What this task involves:
Only the lines from the beginning of the entries through the one that holds "from ifc_helpers import" may appear in the answer, written out exactly and free of pictures.

- - -

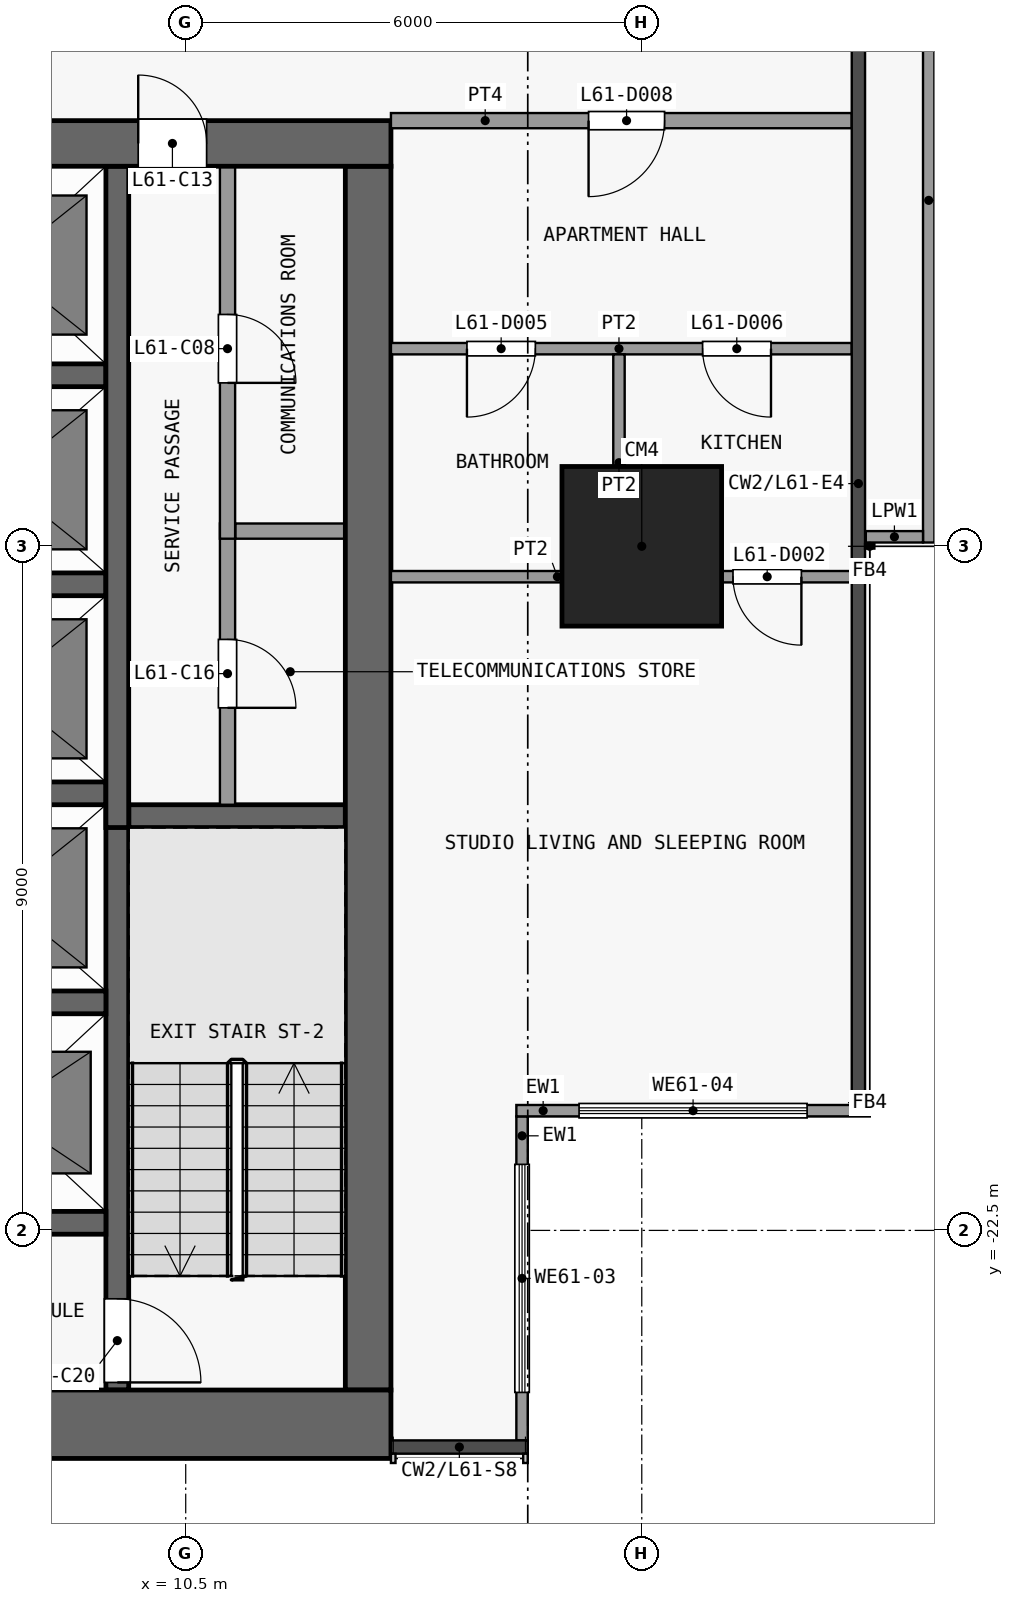
"""IFC4 building model, lengths in metres.
Left out: names, types, materials, properties, quantities, classifications, styles, units other than length and angle.
Written with IfcOpenShell. Run it as: python <this file> out.ifc"""

import sys

from ifc_helpers import new_model, si_unit, direction, frame, frame_2d, origin, origin_2d, place, context, subcontext, project, spatial, rectangle, extrude, element, fill, save


model = new_model("IFC4")
c1 = context("Model", 3, precision=1e-05, world=origin(), true_north=direction((0.0, 1.0)))
c2 = subcontext(c1, "Body", "Model", "MODEL_VIEW")
j1 = project(units=[si_unit("LENGTHUNIT", "METRE"), si_unit("PLANEANGLEUNIT", "RADIAN")], contexts=[c1])
p1 = place(None, origin())
s1 = spatial("IfcSite", under=j1, at=p1, CompositionType="ELEMENT")
p2 = place(p1, origin())
s2 = spatial("IfcBuilding", under=s1, at=p2, CompositionType="ELEMENT")
p3 = place(p2, frame((0.0, 0.0, 241.1)))
s3 = spatial("IfcBuildingStorey", under=s2, at=p3, CompositionType="ELEMENT", Elevation=241.1)
p4 = place(p3, frame((16.5, -13.5, 0.0), z_axis=(0.0, 0.0, 1.0), x_axis=(1.0, 0.0, 0.0)))
e1 = element("IfcColumn", 1, at=p4, inside=s3, PredefinedType="COLUMN", context=c2, shape_type="SweptSolid", body=[
    extrude(rectangle(XDim=2.1, YDim=2.1, at=origin_2d()), origin(), (0.0, 0.0, 1.0), 3.6),
])
p5 = place(p3, frame((-13.2, -25.05, 0.0), z_axis=(0.0, 0.0, 1.0), x_axis=(1.0, 0.0, 0.0)))
e2 = element("IfcWall", 2, at=p5, inside=s3, PredefinedType="SHEAR", context=c2, shape_type="SweptSolid", body=[
    extrude(rectangle(XDim=26.4, YDim=0.9, at=frame_2d((13.2, 0.0))), origin(), (0.0, 0.0, 1.0), 3.3),
])
p6 = place(p3, frame((-13.2, -8.2, 0.0), z_axis=(0.0, 0.0, 1.0), x_axis=(1.0, 0.0, 0.0)))
e3 = element("IfcWall", 3, at=p6, inside=s3, PredefinedType="SHEAR", context=c2, shape_type="SweptSolid", body=[
    extrude(rectangle(XDim=26.4, YDim=0.6, at=frame_2d((13.2, 0.0))), origin(), (0.0, 0.0, 1.0), 3.3),
])
p7 = place(p6, frame((7.5, 0.0, 0.0)))
e4 = element("IfcOpeningElement", 4, at=p7, cuts=e3, PredefinedType="OPENING", context=c2, shape_type="SweptSolid", body=[
    extrude(rectangle(XDim=1.8, YDim=2.1, at=frame_2d((0.9, 1.05))), frame((0.0, 0.31, 0.0), z_axis=(0.0, -1.0, 0.0), x_axis=(1.0, 0.0, 0.0)), (0.0, 0.0, 1.0), 0.62),
])
p8 = place(p6, frame((17.1, 0.0, 0.0)))
e5 = element("IfcOpeningElement", 5, at=p8, cuts=e3, PredefinedType="OPENING", context=c2, shape_type="SweptSolid", body=[
    extrude(rectangle(XDim=1.8, YDim=2.1, at=frame_2d((0.9, 1.05))), frame((0.0, 0.31, 0.0), z_axis=(0.0, -1.0, 0.0), x_axis=(1.0, 0.0, 0.0)), (0.0, 0.0, 1.0), 0.62),
])
p9 = place(p6, frame((2.425, 0.0, 0.0)))
e6 = element("IfcOpeningElement", 6, at=p9, cuts=e3, PredefinedType="OPENING", context=c2, shape_type="SweptSolid", body=[
    extrude(rectangle(XDim=0.9, YDim=2.1, at=frame_2d((0.45, 1.05))), frame((0.0, 0.31, 0.0), z_axis=(0.0, -1.0, 0.0), x_axis=(1.0, 0.0, 0.0)), (0.0, 0.0, 1.0), 0.62),
])
p10 = place(p6, frame((23.075, 0.0, 0.0)))
e7 = element("IfcOpeningElement", 7, at=p10, cuts=e3, PredefinedType="OPENING", context=c2, shape_type="SweptSolid", body=[
    extrude(rectangle(XDim=0.9, YDim=2.1, at=frame_2d((0.45, 1.05))), frame((0.0, 0.31, 0.0), z_axis=(0.0, -1.0, 0.0), x_axis=(1.0, 0.0, 0.0)), (0.0, 0.0, 1.0), 0.62),
])
p11 = place(p3, frame((12.9, -24.6, 0.0), z_axis=(0.0, 0.0, 1.0), x_axis=(0.0, 1.0, 0.0)))
e8 = element("IfcWall", 8, at=p11, inside=s3, PredefinedType="SHEAR", context=c2, shape_type="SweptSolid", body=[
    extrude(rectangle(XDim=16.1, YDim=0.6, at=frame_2d((8.05, 0.0))), origin(), (0.0, 0.0, 1.0), 3.3),
])
for number, where, z_axis, x_axis in (
    (9, (6.65, -22.4, 0.0), (0.0, 0.0, 1.0), (1.0, 0.0, 0.0)),
    (10, (6.65, -19.5, 0.0), (0.0, 0.0, 1.0), (1.0, 0.0, 0.0)),
):
    element("IfcWall", number, at=place(p3, frame(where, z_axis=z_axis, x_axis=x_axis)), inside=s3, PredefinedType="SHEAR", context=c2, shape_type="SweptSolid", body=[
        extrude(rectangle(XDim=2.8, YDim=0.3, at=frame_2d((1.4, 0.0))), origin(), (0.0, 0.0, 1.0), 3.3),
    ])
p12 = place(p3, frame((9.75, -17.05, 0.0), z_axis=(0.0, 0.0, 1.0), x_axis=(1.0, 0.0, 0.0)))
e11 = element("IfcWall", 11, at=p12, inside=s3, PredefinedType="SHEAR", context=c2, shape_type="SweptSolid", body=[
    extrude(rectangle(XDim=2.85, YDim=0.3, at=frame_2d((1.425, 0.0))), origin(), (0.0, 0.0, 1.0), 3.3),
])
for number, where, z_axis, x_axis in (
    (12, (6.65, -16.75, 0.0), (0.0, 0.0, 1.0), (1.0, 0.0, 0.0)),
    (13, (6.65, -14.0, 0.0), (0.0, 0.0, 1.0), (1.0, 0.0, 0.0)),
):
    element("IfcWall", number, at=place(p3, frame(where, z_axis=z_axis, x_axis=x_axis)), inside=s3, PredefinedType="SHEAR", context=c2, shape_type="SweptSolid", body=[
        extrude(rectangle(XDim=2.8, YDim=0.3, at=frame_2d((1.4, 0.0))), origin(), (0.0, 0.0, 1.0), 3.3),
    ])
p13 = place(p3, frame((11.15, -13.3, 0.0), z_axis=(0.0, 0.0, 1.0), x_axis=(1.0, 0.0, 0.0)))
e14 = element("IfcWall", 14, at=p13, inside=s3, PredefinedType="PARTITIONING", context=c2, shape_type="SweptSolid", body=[
    extrude(rectangle(XDim=1.45, YDim=0.2, at=frame_2d((0.725, 0.0))), origin(), (0.0, 0.0, 1.0), 3.3),
])
p14 = place(p3, frame((6.65, -11.25, 0.0), z_axis=(0.0, 0.0, 1.0), x_axis=(1.0, 0.0, 0.0)))
e15 = element("IfcWall", 15, at=p14, inside=s3, PredefinedType="SHEAR", context=c2, shape_type="SweptSolid", body=[
    extrude(rectangle(XDim=2.8, YDim=0.3, at=frame_2d((1.4, 0.0))), origin(), (0.0, 0.0, 1.0), 3.3),
])
p15 = place(p3, frame((9.6, -16.9, 0.0), z_axis=(0.0, 0.0, 1.0), x_axis=(0.0, -1.0, 0.0)))
e16 = element("IfcWall", 16, at=p15, inside=s3, PredefinedType="SHEAR", context=c2, shape_type="SweptSolid", body=[
    extrude(rectangle(XDim=7.7, YDim=0.3, at=frame_2d((3.85, 0.0))), origin(), (0.0, 0.0, 1.0), 3.3),
])
p16 = place(p15, frame((6.5, 0.0, 0.0)))
e17 = element("IfcOpeningElement", 17, at=p16, cuts=e16, PredefinedType="OPENING", context=c2, shape_type="SweptSolid", body=[
    extrude(rectangle(XDim=1.1, YDim=2.1, at=frame_2d((0.55, 1.05))), frame((0.0, 0.16, 0.0), z_axis=(0.0, -1.0, 0.0), x_axis=(1.0, 0.0, 0.0)), (0.0, 0.0, 1.0), 0.32),
])
p17 = place(p3, frame((9.6, -17.2, 0.0), z_axis=(0.0, 0.0, 1.0), x_axis=(0.0, 1.0, 0.0)))
e18 = element("IfcWall", 18, at=p17, inside=s3, PredefinedType="SHEAR", context=c2, shape_type="SweptSolid", body=[
    extrude(rectangle(XDim=8.7, YDim=0.3, at=frame_2d((4.35, 0.0))), origin(), (0.0, 0.0, 1.0), 3.3),
])
p18 = place(p3, frame((11.05, -13.2, 0.0), z_axis=(0.0, 0.0, 1.0), x_axis=(0.0, -1.0, 0.0)))
e19 = element("IfcWall", 19, at=p18, inside=s3, PredefinedType="PARTITIONING", context=c2, shape_type="SweptSolid", body=[
    extrude(rectangle(XDim=3.7, YDim=0.2, at=frame_2d((1.85, 0.0))), origin(), (0.0, 0.0, 1.0), 3.3),
])
p19 = place(p18, frame((1.525, 0.0, 0.0)))
e20 = element("IfcOpeningElement", 20, at=p19, cuts=e19, PredefinedType="OPENING", context=c2, shape_type="SweptSolid", body=[
    extrude(rectangle(XDim=0.9, YDim=2.1, at=frame_2d((0.45, 1.05))), frame((0.0, 0.11, 0.0), z_axis=(0.0, -1.0, 0.0), x_axis=(1.0, 0.0, 0.0)), (0.0, 0.0, 1.0), 0.22),
])
p20 = place(p3, frame((11.05, -8.5, 0.0), z_axis=(0.0, 0.0, 1.0), x_axis=(0.0, -1.0, 0.0)))
e21 = element("IfcWall", 21, at=p20, inside=s3, PredefinedType="PARTITIONING", context=c2, shape_type="SweptSolid", body=[
    extrude(rectangle(XDim=4.9, YDim=0.2, at=frame_2d((2.45, 0.0))), origin(), (0.0, 0.0, 1.0), 3.3),
])
p21 = place(p20, frame((1.95, 0.0, 0.0)))
e22 = element("IfcOpeningElement", 22, at=p21, cuts=e21, PredefinedType="OPENING", context=c2, shape_type="SweptSolid", body=[
    extrude(rectangle(XDim=0.9, YDim=2.1, at=frame_2d((0.45, 1.05))), frame((0.0, 0.11, 0.0), z_axis=(0.0, -1.0, 0.0), x_axis=(1.0, 0.0, 0.0)), (0.0, 0.0, 1.0), 0.22),
])
p22 = place(p3, frame((14.925, -21.0, 0.0), z_axis=(0.0, 0.0, 1.0), x_axis=(0.0, -1.0, 0.0)))
e23 = element("IfcWall", 23, at=p22, inside=s3, PredefinedType="SOLIDWALL", context=c2, shape_type="SweptSolid", body=[
    extrude(rectangle(XDim=4.262, YDim=0.15, at=frame_2d((2.131, 0.0))), origin(), (0.0, 0.0, 1.0), 3.3),
])
p23 = place(p22, frame((0.631, 0.0, 0.9)))
e24 = element("IfcOpeningElement", 24, at=p23, cuts=e23, PredefinedType="OPENING", context=c2, shape_type="SweptSolid", body=[
    extrude(rectangle(XDim=3.0, YDim=2.4, at=frame_2d((1.5, 1.2))), frame((0.0, 0.085, 0.0), z_axis=(0.0, -1.0, 0.0), x_axis=(1.0, 0.0, 0.0)), (0.0, 0.0, 1.0), 0.17),
])
p24 = place(p3, frame((19.5, -20.925, 0.0), z_axis=(0.0, 0.0, 1.0), x_axis=(-1.0, 0.0, 0.0)))
e25 = element("IfcWall", 25, at=p24, inside=s3, PredefinedType="SOLIDWALL", context=c2, shape_type="SweptSolid", body=[
    extrude(rectangle(XDim=4.65, YDim=0.15, at=frame_2d((2.325, 0.0))), origin(), (0.0, 0.0, 1.0), 3.3),
])
p25 = place(p24, frame((0.825, 0.0, 0.9)))
e26 = element("IfcOpeningElement", 26, at=p25, cuts=e25, PredefinedType="OPENING", context=c2, shape_type="SweptSolid", body=[
    extrude(rectangle(XDim=3.0, YDim=2.4, at=frame_2d((1.5, 1.2))), frame((0.0, 0.085, 0.0), z_axis=(0.0, -1.0, 0.0), x_axis=(1.0, 0.0, 0.0)), (0.0, 0.0, 1.0), 0.17),
])
p26 = place(p3, frame((20.275, -4.448, 0.0), z_axis=(0.0, 0.0, 1.0), x_axis=(0.0, -1.0, 0.0)))
e27 = element("IfcWall", 27, at=p26, inside=s3, PredefinedType="PARAPET", context=c2, shape_type="SweptSolid", body=[
    extrude(rectangle(XDim=9.002, YDim=0.15, at=frame_2d((4.501, 0.0))), origin(), (0.0, 0.0, 1.0), 1.15),
])
p27 = place(p3, frame((20.2, -13.375, 0.0), z_axis=(0.0, 0.0, 1.0), x_axis=(-1.0, 0.0, 0.0)))
e28 = element("IfcWall", 28, at=p27, inside=s3, PredefinedType="PARAPET", context=c2, shape_type="SweptSolid", body=[
    extrude(rectangle(XDim=0.752, YDim=0.15, at=frame_2d((0.376, 0.0))), origin(), (0.0, 0.0, 1.0), 1.15),
])
p28 = place(p3, frame((13.2, -13.9, 0.0), z_axis=(0.0, 0.0, 1.0), x_axis=(1.0, 0.0, 0.0)))
e29 = element("IfcWall", 29, at=p28, inside=s3, PredefinedType="PARTITIONING", context=c2, shape_type="SweptSolid", body=[
    extrude(rectangle(XDim=6.062, YDim=0.15, at=frame_2d((3.031, 0.0))), origin(), (0.0, 0.0, 1.0), 3.3),
])
p29 = place(p28, frame((4.5, 0.0, 0.0)))
e30 = element("IfcOpeningElement", 30, at=p29, cuts=e29, PredefinedType="OPENING", context=c2, shape_type="SweptSolid", body=[
    extrude(rectangle(XDim=0.9, YDim=2.1, at=frame_2d((0.45, 1.05))), frame((0.0, 0.085, 0.0), z_axis=(0.0, -1.0, 0.0), x_axis=(1.0, 0.0, 0.0)), (0.0, 0.0, 1.0), 0.17),
])
p30 = place(p3, frame((13.2, -10.9, 0.0), z_axis=(0.0, 0.0, 1.0), x_axis=(1.0, 0.0, 0.0)))
e31 = element("IfcWall", 31, at=p30, inside=s3, PredefinedType="PARTITIONING", context=c2, shape_type="SweptSolid", body=[
    extrude(rectangle(XDim=6.062, YDim=0.15, at=frame_2d((3.031, 0.0))), origin(), (0.0, 0.0, 1.0), 3.3),
])
p31 = place(p30, frame((1.0, 0.0, 0.0)))
e32 = element("IfcOpeningElement", 32, at=p31, cuts=e31, PredefinedType="OPENING", context=c2, shape_type="SweptSolid", body=[
    extrude(rectangle(XDim=0.9, YDim=2.1, at=frame_2d((0.45, 1.05))), frame((0.0, 0.085, 0.0), z_axis=(0.0, -1.0, 0.0), x_axis=(1.0, 0.0, 0.0)), (0.0, 0.0, 1.0), 0.17),
])
p32 = place(p30, frame((4.1, 0.0, 0.0)))
e33 = element("IfcOpeningElement", 33, at=p32, cuts=e31, PredefinedType="OPENING", context=c2, shape_type="SweptSolid", body=[
    extrude(rectangle(XDim=0.9, YDim=2.1, at=frame_2d((0.45, 1.05))), frame((0.0, 0.085, 0.0), z_axis=(0.0, -1.0, 0.0), x_axis=(1.0, 0.0, 0.0)), (0.0, 0.0, 1.0), 0.17),
])
p33 = place(p3, frame((13.2, -7.9, 0.0), z_axis=(0.0, 0.0, 1.0), x_axis=(1.0, 0.0, 0.0)))
e34 = element("IfcWall", 34, at=p33, inside=s3, PredefinedType="PARTITIONING", context=c2, shape_type="SweptSolid", body=[
    extrude(rectangle(XDim=6.062, YDim=0.2, at=frame_2d((3.031, 0.0))), origin(), (0.0, 0.0, 1.0), 3.3),
])
p34 = place(p33, frame((2.6, 0.0, 0.0)))
e35 = element("IfcOpeningElement", 35, at=p34, cuts=e34, PredefinedType="OPENING", context=c2, shape_type="SweptSolid", body=[
    extrude(rectangle(XDim=1.0, YDim=2.1, at=frame_2d((0.5, 1.05))), frame((0.0, 0.11, 0.0), z_axis=(0.0, -1.0, 0.0), x_axis=(1.0, 0.0, 0.0)), (0.0, 0.0, 1.0), 0.22),
])
p35 = place(p3, frame((16.2, -13.825, 0.0), z_axis=(0.0, 0.0, 1.0), x_axis=(0.0, 1.0, 0.0)))
e36 = element("IfcWall", 36, at=p35, inside=s3, PredefinedType="PARTITIONING", context=c2, shape_type="SweptSolid", body=[
    extrude(rectangle(XDim=2.85, YDim=0.15, at=frame_2d((1.425, 0.0))), origin(), (0.0, 0.0, 1.0), 3.3),
])
p36 = place(p21, origin())
e37 = element("IfcDoor", 37, at=p36, inside=s3, OperationType="SINGLE_SWING_RIGHT", PredefinedType="DOOR", context=c2, shape_type="SweptSolid", body=[
    extrude(rectangle(XDim=0.9, YDim=2.1, at=frame_2d((0.45, 1.05))), frame((0.0, 0.025, 0.0), z_axis=(0.0, -1.0, 0.0), x_axis=(1.0, 0.0, 0.0)), (0.0, 0.0, 1.0), 0.05),
])
fill(e22, e37)
p37 = place(p10, origin())
e38 = element("IfcDoor", 38, at=p37, inside=s3, OperationType="SINGLE_SWING_LEFT", PredefinedType="DOOR", context=c2, shape_type="SweptSolid", body=[
    extrude(rectangle(XDim=0.9, YDim=2.1, at=frame_2d((0.45, 1.05))), frame((0.0, 0.025, 0.0), z_axis=(0.0, -1.0, 0.0), x_axis=(1.0, 0.0, 0.0)), (0.0, 0.0, 1.0), 0.05),
])
fill(e7, e38)
p38 = place(p19, origin())
e39 = element("IfcDoor", 39, at=p38, inside=s3, OperationType="SINGLE_SWING_RIGHT", PredefinedType="DOOR", context=c2, shape_type="SweptSolid", body=[
    extrude(rectangle(XDim=0.9, YDim=2.1, at=frame_2d((0.45, 1.05))), frame((0.0, 0.025, 0.0), z_axis=(0.0, -1.0, 0.0), x_axis=(1.0, 0.0, 0.0)), (0.0, 0.0, 1.0), 0.05),
])
fill(e20, e39)
p39 = place(p16, origin())
e40 = element("IfcDoor", 40, at=p39, inside=s3, OperationType="SINGLE_SWING_RIGHT", PredefinedType="DOOR", context=c2, shape_type="SweptSolid", body=[
    extrude(rectangle(XDim=1.1, YDim=2.1, at=frame_2d((0.55, 1.05))), frame((0.0, 0.025, 0.0), z_axis=(0.0, -1.0, 0.0), x_axis=(1.0, 0.0, 0.0)), (0.0, 0.0, 1.0), 0.05),
])
fill(e17, e40)
p40 = place(p23, origin())
e41 = element("IfcWindow", 41, at=p40, inside=s3, PartitioningType="SINGLE_PANEL", PredefinedType="WINDOW", context=c2, shape_type="SweptSolid", body=[
    extrude(rectangle(XDim=3.0, YDim=2.4, at=frame_2d((1.5, 1.2))), frame((0.0, 0.03, 0.0), z_axis=(0.0, -1.0, 0.0), x_axis=(1.0, 0.0, 0.0)), (0.0, 0.0, 1.0), 0.06),
])
fill(e24, e41)
p41 = place(p25, origin())
e42 = element("IfcWindow", 42, at=p41, inside=s3, PartitioningType="SINGLE_PANEL", PredefinedType="WINDOW", context=c2, shape_type="SweptSolid", body=[
    extrude(rectangle(XDim=3.0, YDim=2.4, at=frame_2d((1.5, 1.2))), frame((0.0, 0.03, 0.0), z_axis=(0.0, -1.0, 0.0), x_axis=(1.0, 0.0, 0.0)), (0.0, 0.0, 1.0), 0.06),
])
fill(e26, e42)
p42 = place(p29, origin())
e43 = element("IfcDoor", 43, at=p42, inside=s3, OperationType="SINGLE_SWING_RIGHT", PredefinedType="DOOR", context=c2, shape_type="SweptSolid", body=[
    extrude(rectangle(XDim=0.9, YDim=2.1, at=frame_2d((0.45, 1.05))), frame((0.0, 0.025, 0.0), z_axis=(0.0, -1.0, 0.0), x_axis=(1.0, 0.0, 0.0)), (0.0, 0.0, 1.0), 0.05),
])
fill(e30, e43)
p43 = place(p31, origin())
e44 = element("IfcDoor", 44, at=p43, inside=s3, OperationType="SINGLE_SWING_LEFT", PredefinedType="DOOR", context=c2, shape_type="SweptSolid", body=[
    extrude(rectangle(XDim=0.9, YDim=2.1, at=frame_2d((0.45, 1.05))), frame((0.0, 0.025, 0.0), z_axis=(0.0, -1.0, 0.0), x_axis=(1.0, 0.0, 0.0)), (0.0, 0.0, 1.0), 0.05),
])
fill(e32, e44)
p44 = place(p32, origin())
e45 = element("IfcDoor", 45, at=p44, inside=s3, OperationType="SINGLE_SWING_RIGHT", PredefinedType="DOOR", context=c2, shape_type="SweptSolid", body=[
    extrude(rectangle(XDim=0.9, YDim=2.1, at=frame_2d((0.45, 1.05))), frame((0.0, 0.025, 0.0), z_axis=(0.0, -1.0, 0.0), x_axis=(1.0, 0.0, 0.0)), (0.0, 0.0, 1.0), 0.05),
])
fill(e33, e45)
p45 = place(p34, origin())
e46 = element("IfcDoor", 46, at=p45, inside=s3, OperationType="SINGLE_SWING_LEFT", PredefinedType="DOOR", context=c2, shape_type="SweptSolid", body=[
    extrude(rectangle(XDim=1.0, YDim=2.1, at=frame_2d((0.5, 1.05))), frame((0.0, 0.025, 0.0), z_axis=(0.0, -1.0, 0.0), x_axis=(1.0, 0.0, 0.0)), (0.0, 0.0, 1.0), 0.05),
])
fill(e35, e46)
save(model, sys.argv[1])

- - -

Answer for the task:
"""IFC4 building model, lengths in metres.
Left out: names, types, materials, properties, quantities, classifications, styles, units other than length and angle.
Written with IfcOpenShell. Run it as: python <this file> out.ifc"""

import sys

from ifc_helpers import new_model, si_unit, direction, frame, frame_2d, origin, origin_2d, place, context, subcontext, project, spatial, rectangle, extrude, element, fill, save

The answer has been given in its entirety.